#### PROBLEM DESCRIPTION
Which lines of the records below contain the word "subcontext"? Copy each of them out.

#### MATERIAL PROVIDED
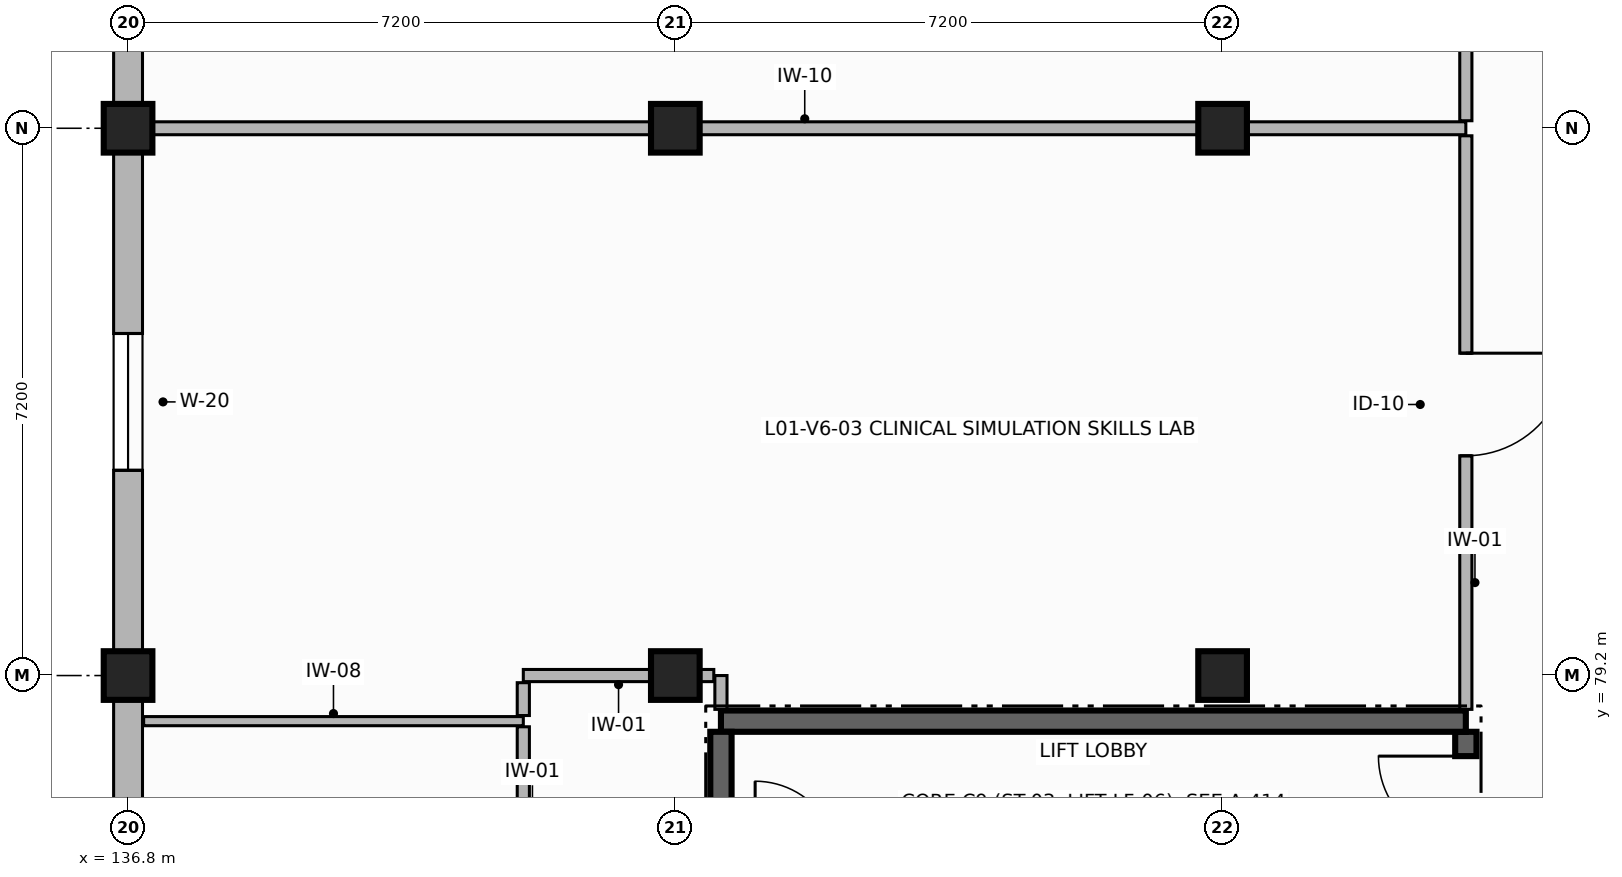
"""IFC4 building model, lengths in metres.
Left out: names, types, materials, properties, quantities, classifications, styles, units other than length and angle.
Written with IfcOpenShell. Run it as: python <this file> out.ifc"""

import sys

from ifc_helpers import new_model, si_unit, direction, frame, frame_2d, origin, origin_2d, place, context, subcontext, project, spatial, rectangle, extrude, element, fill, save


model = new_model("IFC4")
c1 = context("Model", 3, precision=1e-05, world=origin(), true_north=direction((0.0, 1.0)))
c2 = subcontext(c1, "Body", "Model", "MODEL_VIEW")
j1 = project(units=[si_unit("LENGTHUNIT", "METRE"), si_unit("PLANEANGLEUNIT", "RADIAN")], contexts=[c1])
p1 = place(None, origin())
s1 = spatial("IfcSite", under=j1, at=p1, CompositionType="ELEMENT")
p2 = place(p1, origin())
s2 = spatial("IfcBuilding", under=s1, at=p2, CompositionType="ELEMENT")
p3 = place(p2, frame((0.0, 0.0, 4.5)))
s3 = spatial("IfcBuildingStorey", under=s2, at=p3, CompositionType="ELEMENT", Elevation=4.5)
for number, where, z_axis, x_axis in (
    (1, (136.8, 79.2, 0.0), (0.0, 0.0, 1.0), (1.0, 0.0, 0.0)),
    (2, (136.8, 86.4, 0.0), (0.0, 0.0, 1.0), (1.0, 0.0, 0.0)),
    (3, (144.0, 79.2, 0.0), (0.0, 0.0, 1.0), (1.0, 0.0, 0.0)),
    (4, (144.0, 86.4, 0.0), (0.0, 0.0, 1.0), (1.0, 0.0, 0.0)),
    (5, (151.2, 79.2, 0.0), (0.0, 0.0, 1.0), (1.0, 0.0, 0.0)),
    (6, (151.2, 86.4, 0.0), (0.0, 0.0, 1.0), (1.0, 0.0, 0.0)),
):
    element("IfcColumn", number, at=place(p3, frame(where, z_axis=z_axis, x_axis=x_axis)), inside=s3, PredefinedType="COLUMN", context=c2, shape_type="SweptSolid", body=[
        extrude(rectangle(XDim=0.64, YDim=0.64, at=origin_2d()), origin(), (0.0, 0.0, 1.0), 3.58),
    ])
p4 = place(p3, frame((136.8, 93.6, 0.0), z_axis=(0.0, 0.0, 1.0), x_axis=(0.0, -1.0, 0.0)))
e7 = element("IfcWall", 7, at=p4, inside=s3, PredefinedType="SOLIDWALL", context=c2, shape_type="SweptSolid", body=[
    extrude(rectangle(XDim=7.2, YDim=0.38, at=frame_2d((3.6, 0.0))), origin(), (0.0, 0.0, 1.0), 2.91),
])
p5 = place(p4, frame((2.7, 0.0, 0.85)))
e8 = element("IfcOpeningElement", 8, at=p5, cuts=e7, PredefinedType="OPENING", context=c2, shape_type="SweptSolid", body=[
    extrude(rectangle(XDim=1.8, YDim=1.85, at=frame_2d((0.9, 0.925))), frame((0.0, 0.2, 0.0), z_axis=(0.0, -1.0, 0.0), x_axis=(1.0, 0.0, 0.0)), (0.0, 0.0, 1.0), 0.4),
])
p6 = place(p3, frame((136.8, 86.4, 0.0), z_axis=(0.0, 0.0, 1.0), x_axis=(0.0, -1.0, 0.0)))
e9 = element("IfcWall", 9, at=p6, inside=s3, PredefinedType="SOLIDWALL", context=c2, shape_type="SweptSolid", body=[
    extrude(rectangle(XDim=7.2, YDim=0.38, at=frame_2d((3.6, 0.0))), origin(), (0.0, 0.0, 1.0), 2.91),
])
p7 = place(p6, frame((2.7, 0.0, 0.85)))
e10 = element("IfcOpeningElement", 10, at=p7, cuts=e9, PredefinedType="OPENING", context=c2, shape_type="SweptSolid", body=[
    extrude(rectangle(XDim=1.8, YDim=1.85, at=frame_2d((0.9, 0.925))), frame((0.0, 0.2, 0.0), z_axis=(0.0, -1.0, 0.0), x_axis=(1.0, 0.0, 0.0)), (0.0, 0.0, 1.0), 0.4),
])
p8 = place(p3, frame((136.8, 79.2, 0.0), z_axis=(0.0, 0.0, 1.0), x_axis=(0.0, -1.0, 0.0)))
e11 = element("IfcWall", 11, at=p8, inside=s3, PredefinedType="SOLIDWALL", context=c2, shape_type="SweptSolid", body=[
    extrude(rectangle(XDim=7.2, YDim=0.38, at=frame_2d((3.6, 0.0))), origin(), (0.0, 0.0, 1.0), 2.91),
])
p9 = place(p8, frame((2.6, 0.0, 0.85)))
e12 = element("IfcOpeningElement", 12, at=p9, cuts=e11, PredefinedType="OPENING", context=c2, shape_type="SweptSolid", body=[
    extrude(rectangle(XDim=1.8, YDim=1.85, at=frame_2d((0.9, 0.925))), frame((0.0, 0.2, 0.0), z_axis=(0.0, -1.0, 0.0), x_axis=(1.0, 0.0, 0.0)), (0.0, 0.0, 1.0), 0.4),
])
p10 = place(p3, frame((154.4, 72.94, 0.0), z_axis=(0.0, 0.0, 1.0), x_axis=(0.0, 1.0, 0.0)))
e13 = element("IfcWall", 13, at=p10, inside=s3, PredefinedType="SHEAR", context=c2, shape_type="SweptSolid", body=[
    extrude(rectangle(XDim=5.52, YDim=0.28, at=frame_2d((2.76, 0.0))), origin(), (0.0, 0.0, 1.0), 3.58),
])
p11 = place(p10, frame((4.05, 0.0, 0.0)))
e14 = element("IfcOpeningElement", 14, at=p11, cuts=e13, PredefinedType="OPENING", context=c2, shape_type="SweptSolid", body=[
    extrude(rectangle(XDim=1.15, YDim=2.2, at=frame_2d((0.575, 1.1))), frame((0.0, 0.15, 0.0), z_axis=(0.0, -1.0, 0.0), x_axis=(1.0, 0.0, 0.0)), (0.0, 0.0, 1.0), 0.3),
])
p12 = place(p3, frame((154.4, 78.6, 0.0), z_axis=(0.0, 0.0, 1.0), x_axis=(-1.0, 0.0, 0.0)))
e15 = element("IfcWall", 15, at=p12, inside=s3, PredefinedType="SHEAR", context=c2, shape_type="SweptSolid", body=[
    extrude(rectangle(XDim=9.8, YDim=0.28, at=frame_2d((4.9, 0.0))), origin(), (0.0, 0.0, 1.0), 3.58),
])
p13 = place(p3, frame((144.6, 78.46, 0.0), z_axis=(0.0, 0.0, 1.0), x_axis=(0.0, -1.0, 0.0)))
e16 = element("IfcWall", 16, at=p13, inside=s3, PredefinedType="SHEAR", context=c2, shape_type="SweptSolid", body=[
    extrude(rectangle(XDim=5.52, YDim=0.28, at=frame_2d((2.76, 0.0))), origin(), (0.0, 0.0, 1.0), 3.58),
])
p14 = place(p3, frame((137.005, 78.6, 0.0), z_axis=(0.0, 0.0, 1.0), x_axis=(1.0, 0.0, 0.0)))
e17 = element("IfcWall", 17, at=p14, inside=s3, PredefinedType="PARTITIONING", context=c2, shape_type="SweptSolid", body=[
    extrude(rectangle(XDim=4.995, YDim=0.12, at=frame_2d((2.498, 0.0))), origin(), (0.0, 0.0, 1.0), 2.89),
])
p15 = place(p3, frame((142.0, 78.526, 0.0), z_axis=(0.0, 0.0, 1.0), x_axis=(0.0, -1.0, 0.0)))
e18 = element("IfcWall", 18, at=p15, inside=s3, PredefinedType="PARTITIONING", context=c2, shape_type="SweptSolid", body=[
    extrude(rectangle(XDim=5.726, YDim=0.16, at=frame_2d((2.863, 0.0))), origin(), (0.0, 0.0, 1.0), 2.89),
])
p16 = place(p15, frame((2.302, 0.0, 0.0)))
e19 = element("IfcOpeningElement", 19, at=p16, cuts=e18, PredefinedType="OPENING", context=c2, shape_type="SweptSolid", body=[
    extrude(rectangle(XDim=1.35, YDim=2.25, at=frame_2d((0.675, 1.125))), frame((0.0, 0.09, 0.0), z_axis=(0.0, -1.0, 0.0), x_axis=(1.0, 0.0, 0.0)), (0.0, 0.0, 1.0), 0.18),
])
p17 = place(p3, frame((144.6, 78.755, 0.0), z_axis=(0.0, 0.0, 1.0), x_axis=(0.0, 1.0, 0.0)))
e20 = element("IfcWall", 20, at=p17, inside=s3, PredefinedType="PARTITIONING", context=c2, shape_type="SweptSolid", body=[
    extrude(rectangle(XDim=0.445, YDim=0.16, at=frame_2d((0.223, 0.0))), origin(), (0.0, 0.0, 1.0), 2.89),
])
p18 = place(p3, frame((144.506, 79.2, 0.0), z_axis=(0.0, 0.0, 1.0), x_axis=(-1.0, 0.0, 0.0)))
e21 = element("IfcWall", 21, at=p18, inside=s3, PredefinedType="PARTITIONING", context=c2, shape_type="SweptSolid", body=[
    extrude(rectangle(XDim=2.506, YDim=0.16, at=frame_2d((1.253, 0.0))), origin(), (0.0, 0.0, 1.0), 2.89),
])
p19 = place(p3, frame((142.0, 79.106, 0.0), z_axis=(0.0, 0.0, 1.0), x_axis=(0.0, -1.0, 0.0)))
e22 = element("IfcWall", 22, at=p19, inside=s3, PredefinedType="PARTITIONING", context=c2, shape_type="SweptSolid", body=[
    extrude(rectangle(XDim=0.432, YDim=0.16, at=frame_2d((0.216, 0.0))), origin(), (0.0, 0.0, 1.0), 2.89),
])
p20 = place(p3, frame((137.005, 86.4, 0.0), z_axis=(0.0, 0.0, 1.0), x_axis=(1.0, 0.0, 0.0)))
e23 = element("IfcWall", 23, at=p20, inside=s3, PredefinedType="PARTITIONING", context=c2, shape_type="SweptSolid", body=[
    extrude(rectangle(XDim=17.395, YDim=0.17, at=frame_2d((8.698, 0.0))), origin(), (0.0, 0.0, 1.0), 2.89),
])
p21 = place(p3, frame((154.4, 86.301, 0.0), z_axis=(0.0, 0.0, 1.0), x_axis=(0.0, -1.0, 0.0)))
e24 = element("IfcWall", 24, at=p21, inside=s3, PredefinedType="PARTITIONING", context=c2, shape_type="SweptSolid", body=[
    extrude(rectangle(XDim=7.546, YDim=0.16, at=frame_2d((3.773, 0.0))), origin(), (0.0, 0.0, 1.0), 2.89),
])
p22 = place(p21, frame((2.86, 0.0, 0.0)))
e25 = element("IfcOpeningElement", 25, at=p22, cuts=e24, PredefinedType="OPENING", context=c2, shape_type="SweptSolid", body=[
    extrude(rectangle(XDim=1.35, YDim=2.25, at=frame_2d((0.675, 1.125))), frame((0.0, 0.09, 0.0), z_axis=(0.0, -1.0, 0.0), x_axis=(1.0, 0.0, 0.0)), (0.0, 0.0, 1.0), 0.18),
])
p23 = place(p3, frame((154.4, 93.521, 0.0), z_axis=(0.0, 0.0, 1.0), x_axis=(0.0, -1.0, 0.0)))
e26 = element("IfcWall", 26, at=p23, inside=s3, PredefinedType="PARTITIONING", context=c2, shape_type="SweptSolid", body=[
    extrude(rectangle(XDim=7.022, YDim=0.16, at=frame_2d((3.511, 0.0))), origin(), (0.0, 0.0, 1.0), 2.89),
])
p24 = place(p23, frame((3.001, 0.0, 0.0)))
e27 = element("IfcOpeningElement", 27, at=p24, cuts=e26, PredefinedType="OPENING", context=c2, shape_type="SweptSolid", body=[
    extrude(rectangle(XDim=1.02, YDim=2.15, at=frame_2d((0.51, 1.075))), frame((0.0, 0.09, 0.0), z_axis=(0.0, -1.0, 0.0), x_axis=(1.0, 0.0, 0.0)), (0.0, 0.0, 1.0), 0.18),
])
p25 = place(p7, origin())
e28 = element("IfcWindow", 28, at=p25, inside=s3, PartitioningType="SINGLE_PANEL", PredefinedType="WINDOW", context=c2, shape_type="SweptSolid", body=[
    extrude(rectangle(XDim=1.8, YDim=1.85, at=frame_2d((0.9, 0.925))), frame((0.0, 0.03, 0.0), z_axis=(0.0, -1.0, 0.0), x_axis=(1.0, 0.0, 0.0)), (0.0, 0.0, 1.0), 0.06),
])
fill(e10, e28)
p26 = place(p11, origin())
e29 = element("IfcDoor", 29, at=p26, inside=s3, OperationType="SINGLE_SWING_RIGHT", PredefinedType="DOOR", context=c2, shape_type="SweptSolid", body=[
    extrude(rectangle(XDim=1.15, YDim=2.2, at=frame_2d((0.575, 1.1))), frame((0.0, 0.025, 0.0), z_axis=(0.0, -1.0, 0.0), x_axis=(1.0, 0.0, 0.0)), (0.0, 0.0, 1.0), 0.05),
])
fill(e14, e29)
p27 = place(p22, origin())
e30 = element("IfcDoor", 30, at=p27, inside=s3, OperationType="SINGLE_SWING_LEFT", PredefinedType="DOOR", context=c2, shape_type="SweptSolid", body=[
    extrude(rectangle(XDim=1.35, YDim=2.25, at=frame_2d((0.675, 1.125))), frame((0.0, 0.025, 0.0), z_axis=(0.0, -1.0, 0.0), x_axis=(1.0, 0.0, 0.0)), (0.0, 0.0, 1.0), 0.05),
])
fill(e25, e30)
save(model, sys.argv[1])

#### EXERCISE ANSWER
from ifc_helpers import new_model, si_unit, direction, frame, frame_2d, origin, origin_2d, place, context, subcontext, project, spatial, rectangle, extrude, element, fill, save
c2 = subcontext(c1, "Body", "Model", "MODEL_VIEW")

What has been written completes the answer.